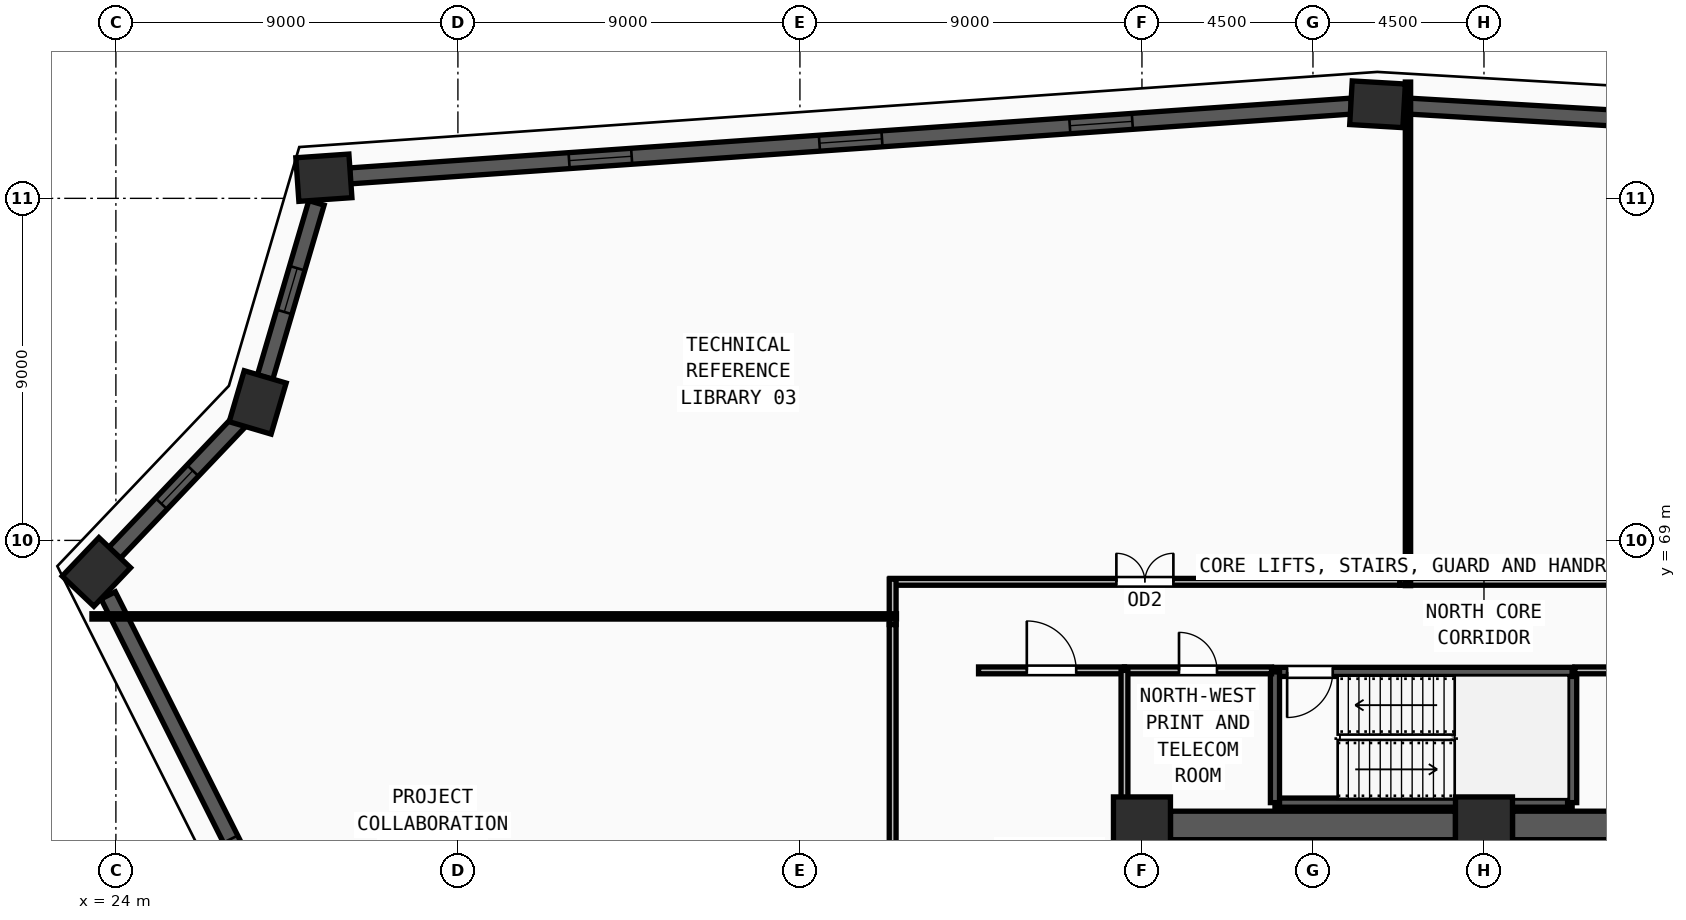
"""IFC4 building model, lengths in metres.
Left out: names, types, materials, properties, quantities, classifications, styles, units other than length and angle.
Written with IfcOpenShell. Run it as: python <this file> out.ifc"""

import sys

from ifc_helpers import new_model, si_unit, direction, frame, frame_2d, origin, origin_2d, place, context, subcontext, project, spatial, rectangle, extrude, source, transform, mapped, element, fill, save


model = new_model("IFC4")
c1 = context("Model", 3, precision=1e-05, world=origin(), true_north=direction((0.0, 1.0)))
c2 = subcontext(c1, "Body", "Model", "MODEL_VIEW")
j1 = project(units=[si_unit("LENGTHUNIT", "METRE"), si_unit("PLANEANGLEUNIT", "RADIAN")], contexts=[c1])
p1 = place(None, origin())
s1 = spatial("IfcSite", under=j1, at=p1, CompositionType="ELEMENT")
p2 = place(p1, origin())
s2 = spatial("IfcBuilding", under=s1, at=p2, CompositionType="ELEMENT")
p3 = place(p2, frame((0.0, 0.0, 113.25)))
s3 = spatial("IfcBuildingStorey", under=s2, at=p3, CompositionType="ELEMENT", Elevation=113.25)
m1 = source(origin(), c2, "Body", "SweptSolid", [
    extrude(rectangle(XDim=1.5, YDim=1.5, at=origin_2d()), origin(), (0.0, 0.0, 1.0), 3.75),
])
for number, where, z_axis, x_axis in (
    (1, (60.0, 61.5, 0.0), (0.0, 0.0, 1.0), (1.0, 0.0, 0.0)),
    (2, (51.0, 61.5, 0.0), (0.0, 0.0, 1.0), (1.0, 0.0, 0.0)),
):
    element("IfcColumn", number, at=place(p3, frame(where, z_axis=z_axis, x_axis=x_axis)), inside=s3, PredefinedType="COLUMN", context=c2, shape_type="MappedRepresentation", body=[
        mapped(m1, transform((0.0, 0.0, 0.0), x_axis=(1.0, 0.0, 0.0), y_axis=(0.0, 1.0, 0.0), z_axis=(0.0, 0.0, 1.0), scale=1.0)),
    ])
m2 = source(origin(), c2, "Body", "SweptSolid", [
    extrude(rectangle(XDim=1.4, YDim=1.15, at=origin_2d()), origin(), (0.0, 0.0, 1.0), 3.75),
])
for number, where, z_axis, x_axis in (
    (3, (23.487, 68.17, 0.0), (0.0, 0.0, 1.0), (0.689, 0.724, 0.0)),
    (4, (27.731, 72.631, 0.0), (0.0, 0.0, 1.0), (0.283, 0.959, 0.0)),
    (5, (29.473, 78.543, 0.0), (0.0, 0.0, 1.0), (0.998, 0.07, 0.0)),
    (6, (57.199, 80.475, 0.0), (0.0, 0.0, 1.0), (-0.998, 0.058, 0.0)),
):
    element("IfcColumn", number, at=place(p3, frame(where, z_axis=z_axis, x_axis=x_axis)), inside=s3, PredefinedType="COLUMN", context=c2, shape_type="MappedRepresentation", body=[
        mapped(m2, transform((0.0, 0.0, 0.0), x_axis=(1.0, 0.0, 0.0), y_axis=(0.0, 1.0, 0.0), z_axis=(0.0, 0.0, 1.0), scale=1.0)),
    ])
p4 = place(p3, frame((89.84, 78.576, 0.0), z_axis=(0.0, 0.0, 1.0), x_axis=(-0.99831154776, 0.05808660439, 0.0)))
e7 = element("IfcWall", 7, at=p4, inside=s3, PredefinedType="SOLIDWALL", context=c2, shape_type="SweptSolid", body=[
    extrude(rectangle(XDim=32.006, YDim=0.42, at=frame_2d((16.003, 0.0))), origin(), (0.0, 0.0, 1.0), 3.57),
])
m3 = source(origin(), c2, "Body", "SweptSolid", [
    extrude(rectangle(XDim=1.65, YDim=1.95, at=frame_2d((0.825, 0.975))), frame((0.0, 0.22, 0.0), z_axis=(0.0, -1.0, 0.0), x_axis=(1.0, 0.0, 0.0)), (0.0, 0.0, 1.0), 0.44),
])
p5 = place(p4, frame((7.177, 0.0, 0.55)))
e8 = element("IfcOpeningElement", 8, at=p5, cuts=e7, PredefinedType="OPENING", context=c2, shape_type="MappedRepresentation", body=[
    mapped(m3, transform((0.0, 0.0, 0.0), x_axis=(1.0, 0.0, 0.0), y_axis=(0.0, 1.0, 0.0), z_axis=(0.0, 0.0, 1.0), scale=1.0)),
])
p6 = place(p4, frame((15.178, 0.0, 0.55)))
e9 = element("IfcOpeningElement", 9, at=p6, cuts=e7, PredefinedType="OPENING", context=c2, shape_type="MappedRepresentation", body=[
    mapped(m3, transform((0.0, 0.0, 0.0), x_axis=(1.0, 0.0, 0.0), y_axis=(0.0, 1.0, 0.0), z_axis=(0.0, 0.0, 1.0), scale=1.0)),
])
p7 = place(p4, frame((23.18, 0.0, 0.55)))
e10 = element("IfcOpeningElement", 10, at=p7, cuts=e7, PredefinedType="OPENING", context=c2, shape_type="MappedRepresentation", body=[
    mapped(m3, transform((0.0, 0.0, 0.0), x_axis=(1.0, 0.0, 0.0), y_axis=(0.0, 1.0, 0.0), z_axis=(0.0, 0.0, 1.0), scale=1.0)),
])
p8 = place(p3, frame((56.511, 80.427, 0.0), z_axis=(0.0, 0.0, 1.0), x_axis=(-0.997581513864, -0.069506281704, 0.0)))
e11 = element("IfcWall", 11, at=p8, inside=s3, PredefinedType="SOLIDWALL", context=c2, shape_type="SweptSolid", body=[
    extrude(rectangle(XDim=26.414, YDim=0.42, at=frame_2d((13.207, 0.0))), origin(), (0.0, 0.0, 1.0), 3.57),
])
p9 = place(p8, frame((5.778, 0.0, 0.55)))
e12 = element("IfcOpeningElement", 12, at=p9, cuts=e11, PredefinedType="OPENING", context=c2, shape_type="MappedRepresentation", body=[
    mapped(m3, transform((0.0, 0.0, 0.0), x_axis=(1.0, 0.0, 0.0), y_axis=(0.0, 1.0, 0.0), z_axis=(0.0, 0.0, 1.0), scale=1.0)),
])
p10 = place(p8, frame((12.382, 0.0, 0.55)))
e13 = element("IfcOpeningElement", 13, at=p10, cuts=e11, PredefinedType="OPENING", context=c2, shape_type="MappedRepresentation", body=[
    mapped(m3, transform((0.0, 0.0, 0.0), x_axis=(1.0, 0.0, 0.0), y_axis=(0.0, 1.0, 0.0), z_axis=(0.0, 0.0, 1.0), scale=1.0)),
])
p11 = place(p8, frame((18.985, 0.0, 0.55)))
e14 = element("IfcOpeningElement", 14, at=p11, cuts=e11, PredefinedType="OPENING", context=c2, shape_type="MappedRepresentation", body=[
    mapped(m3, transform((0.0, 0.0, 0.0), x_axis=(1.0, 0.0, 0.0), y_axis=(0.0, 1.0, 0.0), z_axis=(0.0, 0.0, 1.0), scale=1.0)),
])
p12 = place(p3, frame((29.278, 77.881, 0.0), z_axis=(0.0, 0.0, 1.0), x_axis=(-0.282666457409, -0.959218261844, 0.0)))
e15 = element("IfcWall", 15, at=p12, inside=s3, PredefinedType="SOLIDWALL", context=c2, shape_type="SweptSolid", body=[
    extrude(rectangle(XDim=4.783, YDim=0.42, at=frame_2d((2.392, 0.0))), origin(), (0.0, 0.0, 1.0), 3.57),
])
m4 = source(origin(), c2, "Body", "SweptSolid", [
    extrude(rectangle(XDim=1.2, YDim=1.9, at=frame_2d((0.6, 0.95))), frame((0.0, 0.22, 0.0), z_axis=(0.0, -1.0, 0.0), x_axis=(1.0, 0.0, 0.0)), (0.0, 0.0, 1.0), 0.44),
])
p13 = place(p12, frame((1.792, 0.0, 0.55)))
e16 = element("IfcOpeningElement", 16, at=p13, cuts=e15, PredefinedType="OPENING", context=c2, shape_type="MappedRepresentation", body=[
    mapped(m4, transform((0.0, 0.0, 0.0), x_axis=(1.0, 0.0, 0.0), y_axis=(0.0, 1.0, 0.0), z_axis=(0.0, 0.0, 1.0), scale=1.0)),
])
p14 = place(p3, frame((27.255, 72.131, 0.0), z_axis=(0.0, 0.0, 1.0), x_axis=(-0.689175152742, -0.724594789412, 0.0)))
e17 = element("IfcWall", 17, at=p14, inside=s3, PredefinedType="SOLIDWALL", context=c2, shape_type="SweptSolid", body=[
    extrude(rectangle(XDim=4.777, YDim=0.42, at=frame_2d((2.388, 0.0))), origin(), (0.0, 0.0, 1.0), 3.57),
])
p15 = place(p14, frame((1.788, 0.0, 0.55)))
e18 = element("IfcOpeningElement", 18, at=p15, cuts=e17, PredefinedType="OPENING", context=c2, shape_type="MappedRepresentation", body=[
    mapped(m4, transform((0.0, 0.0, 0.0), x_axis=(1.0, 0.0, 0.0), y_axis=(0.0, 1.0, 0.0), z_axis=(0.0, 0.0, 1.0), scale=1.0)),
])
p16 = place(p3, frame((23.797, 67.553, 0.0), z_axis=(0.0, 0.0, 1.0), x_axis=(0.448851439989, -0.893606392558, 0.0)))
e19 = element("IfcWall", 19, at=p16, inside=s3, PredefinedType="SOLIDWALL", context=c2, shape_type="SweptSolid", body=[
    extrude(rectangle(XDim=32.004, YDim=0.42, at=frame_2d((16.002, 0.0))), origin(), (0.0, 0.0, 1.0), 3.57),
])
p17 = place(p16, frame((7.176, 0.0, 0.55)))
e20 = element("IfcOpeningElement", 20, at=p17, cuts=e19, PredefinedType="OPENING", context=c2, shape_type="MappedRepresentation", body=[
    mapped(m3, transform((0.0, 0.0, 0.0), x_axis=(1.0, 0.0, 0.0), y_axis=(0.0, 1.0, 0.0), z_axis=(0.0, 0.0, 1.0), scale=1.0)),
])
p18 = place(p16, frame((23.178, 0.0, 0.55)))
e21 = element("IfcOpeningElement", 21, at=p18, cuts=e19, PredefinedType="OPENING", context=c2, shape_type="MappedRepresentation", body=[
    mapped(m3, transform((0.0, 0.0, 0.0), x_axis=(1.0, 0.0, 0.0), y_axis=(0.0, 1.0, 0.0), z_axis=(0.0, 0.0, 1.0), scale=1.0)),
])
for number, where, z_axis, x_axis in (
    (22, (51.75, 61.5, 0.0), (0.0, 0.0, 1.0), (1.0, 0.0, 0.0)),
    (23, (60.75, 61.5, 0.0), (0.0, 0.0, 1.0), (1.0, 0.0, 0.0)),
):
    element("IfcWall", number, at=place(p3, frame(where, z_axis=z_axis, x_axis=x_axis)), inside=s3, PredefinedType="SHEAR", context=c2, shape_type="SweptSolid", body=[
        extrude(rectangle(XDim=7.5, YDim=0.75, at=frame_2d((3.75, 0.0))), origin(), (0.0, 0.0, 1.0), 3.57),
    ])
p19 = place(p3, frame((54.5, 62.1, 0.0), z_axis=(0.0, 0.0, 1.0), x_axis=(1.0, 0.0, 0.0)))
e24 = element("IfcWall", 24, at=p19, inside=s3, PredefinedType="SOLIDWALL", context=c2, shape_type="SweptSolid", body=[
    extrude(rectangle(XDim=7.82, YDim=0.24, at=frame_2d((3.91, 0.0))), origin(), (0.0, 0.0, 1.0), 3.57),
])
p20 = place(p3, frame((62.32, 62.1, 0.0), z_axis=(0.0, 0.0, 1.0), x_axis=(0.0, 1.0, 0.0)))
e25 = element("IfcWall", 25, at=p20, inside=s3, PredefinedType="SOLIDWALL", context=c2, shape_type="SweptSolid", body=[
    extrude(rectangle(XDim=3.44, YDim=0.24, at=frame_2d((1.72, 0.0))), origin(), (0.0, 0.0, 1.0), 3.57),
])
p21 = place(p3, frame((62.32, 65.54, 0.0), z_axis=(0.0, 0.0, 1.0), x_axis=(-1.0, 0.0, 0.0)))
e26 = element("IfcWall", 26, at=p21, inside=s3, PredefinedType="SOLIDWALL", context=c2, shape_type="SweptSolid", body=[
    extrude(rectangle(XDim=7.82, YDim=0.24, at=frame_2d((3.91, 0.0))), origin(), (0.0, 0.0, 1.0), 3.57),
])
m5 = source(origin(), c2, "Body", "SweptSolid", [
    extrude(rectangle(XDim=1.2, YDim=2.2, at=frame_2d((0.6, 1.1))), frame((0.0, 0.13, 0.0), z_axis=(0.0, -1.0, 0.0), x_axis=(1.0, 0.0, 0.0)), (0.0, 0.0, 1.0), 0.26),
])
p22 = place(p21, frame((6.3, 0.0, 0.0)))
e27 = element("IfcOpeningElement", 27, at=p22, cuts=e26, PredefinedType="OPENING", context=c2, shape_type="MappedRepresentation", body=[
    mapped(m5, transform((0.0, 0.0, 0.0), x_axis=(1.0, 0.0, 0.0), y_axis=(0.0, 1.0, 0.0), z_axis=(0.0, 0.0, 1.0), scale=1.0)),
])
p23 = place(p3, frame((54.5, 65.54, 0.0), z_axis=(0.0, 0.0, 1.0), x_axis=(0.0, -1.0, 0.0)))
e28 = element("IfcWall", 28, at=p23, inside=s3, PredefinedType="SOLIDWALL", context=c2, shape_type="SweptSolid", body=[
    extrude(rectangle(XDim=3.44, YDim=0.24, at=frame_2d((1.72, 0.0))), origin(), (0.0, 0.0, 1.0), 3.57),
])
p24 = place(p3, frame((50.54, 65.58, 0.0), z_axis=(0.0, 0.0, 1.0), x_axis=(1.0, 0.0, 0.0)))
e29 = element("IfcWall", 29, at=p24, inside=s3, PredefinedType="PARTITIONING", context=c2, shape_type="SweptSolid", body=[
    extrude(rectangle(XDim=3.87, YDim=0.18, at=frame_2d((1.935, 0.0))), origin(), (0.0, 0.0, 1.0), 3.57),
])
m6 = source(origin(), c2, "Body", "SweptSolid", [
    extrude(rectangle(XDim=1.0, YDim=2.2, at=frame_2d((0.5, 1.1))), frame((0.0, 0.1, 0.0), z_axis=(0.0, -1.0, 0.0), x_axis=(1.0, 0.0, 0.0)), (0.0, 0.0, 1.0), 0.2),
])
p25 = place(p24, frame((1.435, 0.0, 0.0)))
e30 = element("IfcOpeningElement", 30, at=p25, cuts=e29, PredefinedType="OPENING", context=c2, shape_type="MappedRepresentation", body=[
    mapped(m6, transform((0.0, 0.0, 0.0), x_axis=(1.0, 0.0, 0.0), y_axis=(0.0, 1.0, 0.0), z_axis=(0.0, 0.0, 1.0), scale=1.0)),
])
p26 = place(p3, frame((62.39, 65.58, 0.0), z_axis=(0.0, 0.0, 1.0), x_axis=(1.0, 0.0, 0.0)))
e31 = element("IfcWall", 31, at=p26, inside=s3, PredefinedType="PARTITIONING", context=c2, shape_type="SweptSolid", body=[
    extrude(rectangle(XDim=7.07, YDim=0.18, at=frame_2d((3.535, 0.0))), origin(), (0.0, 0.0, 1.0), 3.57),
])
p27 = place(p26, frame((3.035, 0.0, 0.0)))
e32 = element("IfcOpeningElement", 32, at=p27, cuts=e31, PredefinedType="OPENING", context=c2, shape_type="MappedRepresentation", body=[
    mapped(m6, transform((0.0, 0.0, 0.0), x_axis=(1.0, 0.0, 0.0), y_axis=(0.0, 1.0, 0.0), z_axis=(0.0, 0.0, 1.0), scale=1.0)),
])
p28 = place(p3, frame((46.7, 65.58, 0.0), z_axis=(0.0, 0.0, 1.0), x_axis=(1.0, 0.0, 0.0)))
e33 = element("IfcWall", 33, at=p28, inside=s3, PredefinedType="PARTITIONING", context=c2, shape_type="SweptSolid", body=[
    extrude(rectangle(XDim=3.84, YDim=0.18, at=frame_2d((1.92, 0.0))), origin(), (0.0, 0.0, 1.0), 3.57),
])
m7 = source(origin(), c2, "Body", "SweptSolid", [
    extrude(rectangle(XDim=1.3, YDim=2.2, at=frame_2d((0.65, 1.1))), frame((0.0, 0.1, 0.0), z_axis=(0.0, -1.0, 0.0), x_axis=(1.0, 0.0, 0.0)), (0.0, 0.0, 1.0), 0.2),
])
p29 = place(p28, frame((1.27, 0.0, 0.0)))
e34 = element("IfcOpeningElement", 34, at=p29, cuts=e33, PredefinedType="OPENING", context=c2, shape_type="MappedRepresentation", body=[
    mapped(m7, transform((0.0, 0.0, 0.0), x_axis=(1.0, 0.0, 0.0), y_axis=(0.0, 1.0, 0.0), z_axis=(0.0, 0.0, 1.0), scale=1.0)),
])
p30 = place(p3, frame((57.785, 67.91, 0.0), z_axis=(0.0, 0.0, 1.0), x_axis=(1.0, 0.0, 0.0)))
e35 = element("IfcWall", 35, at=p30, inside=s3, PredefinedType="PARTITIONING", context=c2, shape_type="SweptSolid", body=[
    extrude(rectangle(XDim=17.845, YDim=0.18, at=frame_2d((8.922, 0.0))), origin(), (0.0, 0.0, 1.0), 3.57),
])
m8 = source(origin(), c2, "Body", "SweptSolid", [
    extrude(rectangle(XDim=1.5, YDim=2.2, at=frame_2d((0.75, 1.1))), frame((0.0, 0.1, 0.0), z_axis=(0.0, -1.0, 0.0), x_axis=(1.0, 0.0, 0.0)), (0.0, 0.0, 1.0), 0.2),
])
p31 = place(p30, frame((8.172, 0.0, 0.0)))
e36 = element("IfcOpeningElement", 36, at=p31, cuts=e35, PredefinedType="OPENING", context=c2, shape_type="MappedRepresentation", body=[
    mapped(m8, transform((0.0, 0.0, 0.0), x_axis=(1.0, 0.0, 0.0), y_axis=(0.0, 1.0, 0.0), z_axis=(0.0, 0.0, 1.0), scale=1.0)),
])
p32 = place(p3, frame((44.37, 67.91, 0.0), z_axis=(0.0, 0.0, 1.0), x_axis=(1.0, 0.0, 0.0)))
e37 = element("IfcWall", 37, at=p32, inside=s3, PredefinedType="PARTITIONING", context=c2, shape_type="SweptSolid", body=[
    extrude(rectangle(XDim=13.415, YDim=0.18, at=frame_2d((6.708, 0.0))), origin(), (0.0, 0.0, 1.0), 3.57),
])
p33 = place(p32, frame((5.957, 0.0, 0.0)))
e38 = element("IfcOpeningElement", 38, at=p33, cuts=e37, PredefinedType="OPENING", context=c2, shape_type="MappedRepresentation", body=[
    mapped(m8, transform((0.0, 0.0, 0.0), x_axis=(1.0, 0.0, 0.0), y_axis=(0.0, 1.0, 0.0), z_axis=(0.0, 0.0, 1.0), scale=1.0)),
])
p34 = place(p3, frame((50.54, 61.95, 0.0), z_axis=(0.0, 0.0, 1.0), x_axis=(0.0, 1.0, 0.0)))
e39 = element("IfcWall", 39, at=p34, inside=s3, PredefinedType="PARTITIONING", context=c2, shape_type="SweptSolid", body=[
    extrude(rectangle(XDim=3.63, YDim=0.18, at=frame_2d((1.815, 0.0))), origin(), (0.0, 0.0, 1.0), 3.57),
])
p35 = place(p3, frame((44.44, 66.785, 0.0), z_axis=(0.0, 0.0, 1.0), x_axis=(0.0, 1.0, 0.0)))
e40 = element("IfcWall", 40, at=p35, inside=s3, PredefinedType="PARTITIONING", context=c2, shape_type="SweptSolid", body=[
    extrude(rectangle(XDim=1.195, YDim=0.18, at=frame_2d((0.598, 0.0))), origin(), (0.0, 0.0, 1.0), 3.57),
])
p36 = place(p3, frame((44.44, 56.19, 0.0), z_axis=(0.0, 0.0, 1.0), x_axis=(0.0, 1.0, 0.0)))
e41 = element("IfcWall", 41, at=p36, inside=s3, PredefinedType="PARTITIONING", context=c2, shape_type="SweptSolid", body=[
    extrude(rectangle(XDim=10.595, YDim=0.18, at=frame_2d((5.297, 0.0))), origin(), (0.0, 0.0, 1.0), 3.57),
])
p37 = place(p3, frame((44.54, 67.0, 0.0), z_axis=(0.0, 0.0, 1.0), x_axis=(-1.0, 0.0, 0.0)))
e42 = element("IfcWall", 42, at=p37, inside=s3, PredefinedType="PARTITIONING", context=c2, shape_type="SweptSolid", body=[
    extrude(rectangle(XDim=21.17, YDim=0.14, at=frame_2d((10.585, 0.0))), origin(), (0.0, 0.0, 1.0), 2.755),
])
p38 = place(p3, frame((58.0, 67.81, 0.0), z_axis=(0.0, 0.0, 1.0), x_axis=(0.0, 1.0, 0.0)))
e43 = element("IfcWall", 43, at=p38, inside=s3, PredefinedType="PARTITIONING", context=c2, shape_type="SweptSolid", body=[
    extrude(rectangle(XDim=13.25, YDim=0.14, at=frame_2d((6.625, 0.0))), origin(), (0.0, 0.0, 1.0), 3.57),
])
m9 = source(origin(), c2, "Body", "SweptSolid", [
    extrude(rectangle(XDim=1.65, YDim=1.95, at=frame_2d((0.825, 0.975))), frame((0.0, 0.03, 0.0), z_axis=(0.0, -1.0, 0.0), x_axis=(1.0, 0.0, 0.0)), (0.0, 0.0, 1.0), 0.06),
])
p39 = place(p9, origin())
e44 = element("IfcWindow", 44, at=p39, inside=s3, PartitioningType="DOUBLE_PANEL_VERTICAL", PredefinedType="WINDOW", context=c2, shape_type="MappedRepresentation", body=[
    mapped(m9, transform((0.0, 0.0, 0.0), x_axis=(1.0, 0.0, 0.0), y_axis=(0.0, 1.0, 0.0), z_axis=(0.0, 0.0, 1.0), scale=1.0)),
])
fill(e12, e44)
p40 = place(p10, origin())
e45 = element("IfcWindow", 45, at=p40, inside=s3, PartitioningType="DOUBLE_PANEL_VERTICAL", PredefinedType="WINDOW", context=c2, shape_type="MappedRepresentation", body=[
    mapped(m9, transform((0.0, 0.0, 0.0), x_axis=(1.0, 0.0, 0.0), y_axis=(0.0, 1.0, 0.0), z_axis=(0.0, 0.0, 1.0), scale=1.0)),
])
fill(e13, e45)
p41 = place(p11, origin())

☆ ☆ ☆ ☆ ☆

TASK OBJECTIVE: Read the listing line by line, and copy each line in which the word "spatial" is found.

SOLUTION TO THE EXERCISE:
from ifc_helpers import new_model, si_unit, direction, frame, frame_2d, origin, origin_2d, place, context, subcontext, project, spatial, rectangle, extrude, source, transform, mapped, element, fill, save
s1 = spatial("IfcSite", under=j1, at=p1, CompositionType="ELEMENT")
s2 = spatial("IfcBuilding", under=s1, at=p2, CompositionType="ELEMENT")
s3 = spatial("IfcBuildingStorey", under=s2, at=p3, CompositionType="ELEMENT", Elevation=113.25)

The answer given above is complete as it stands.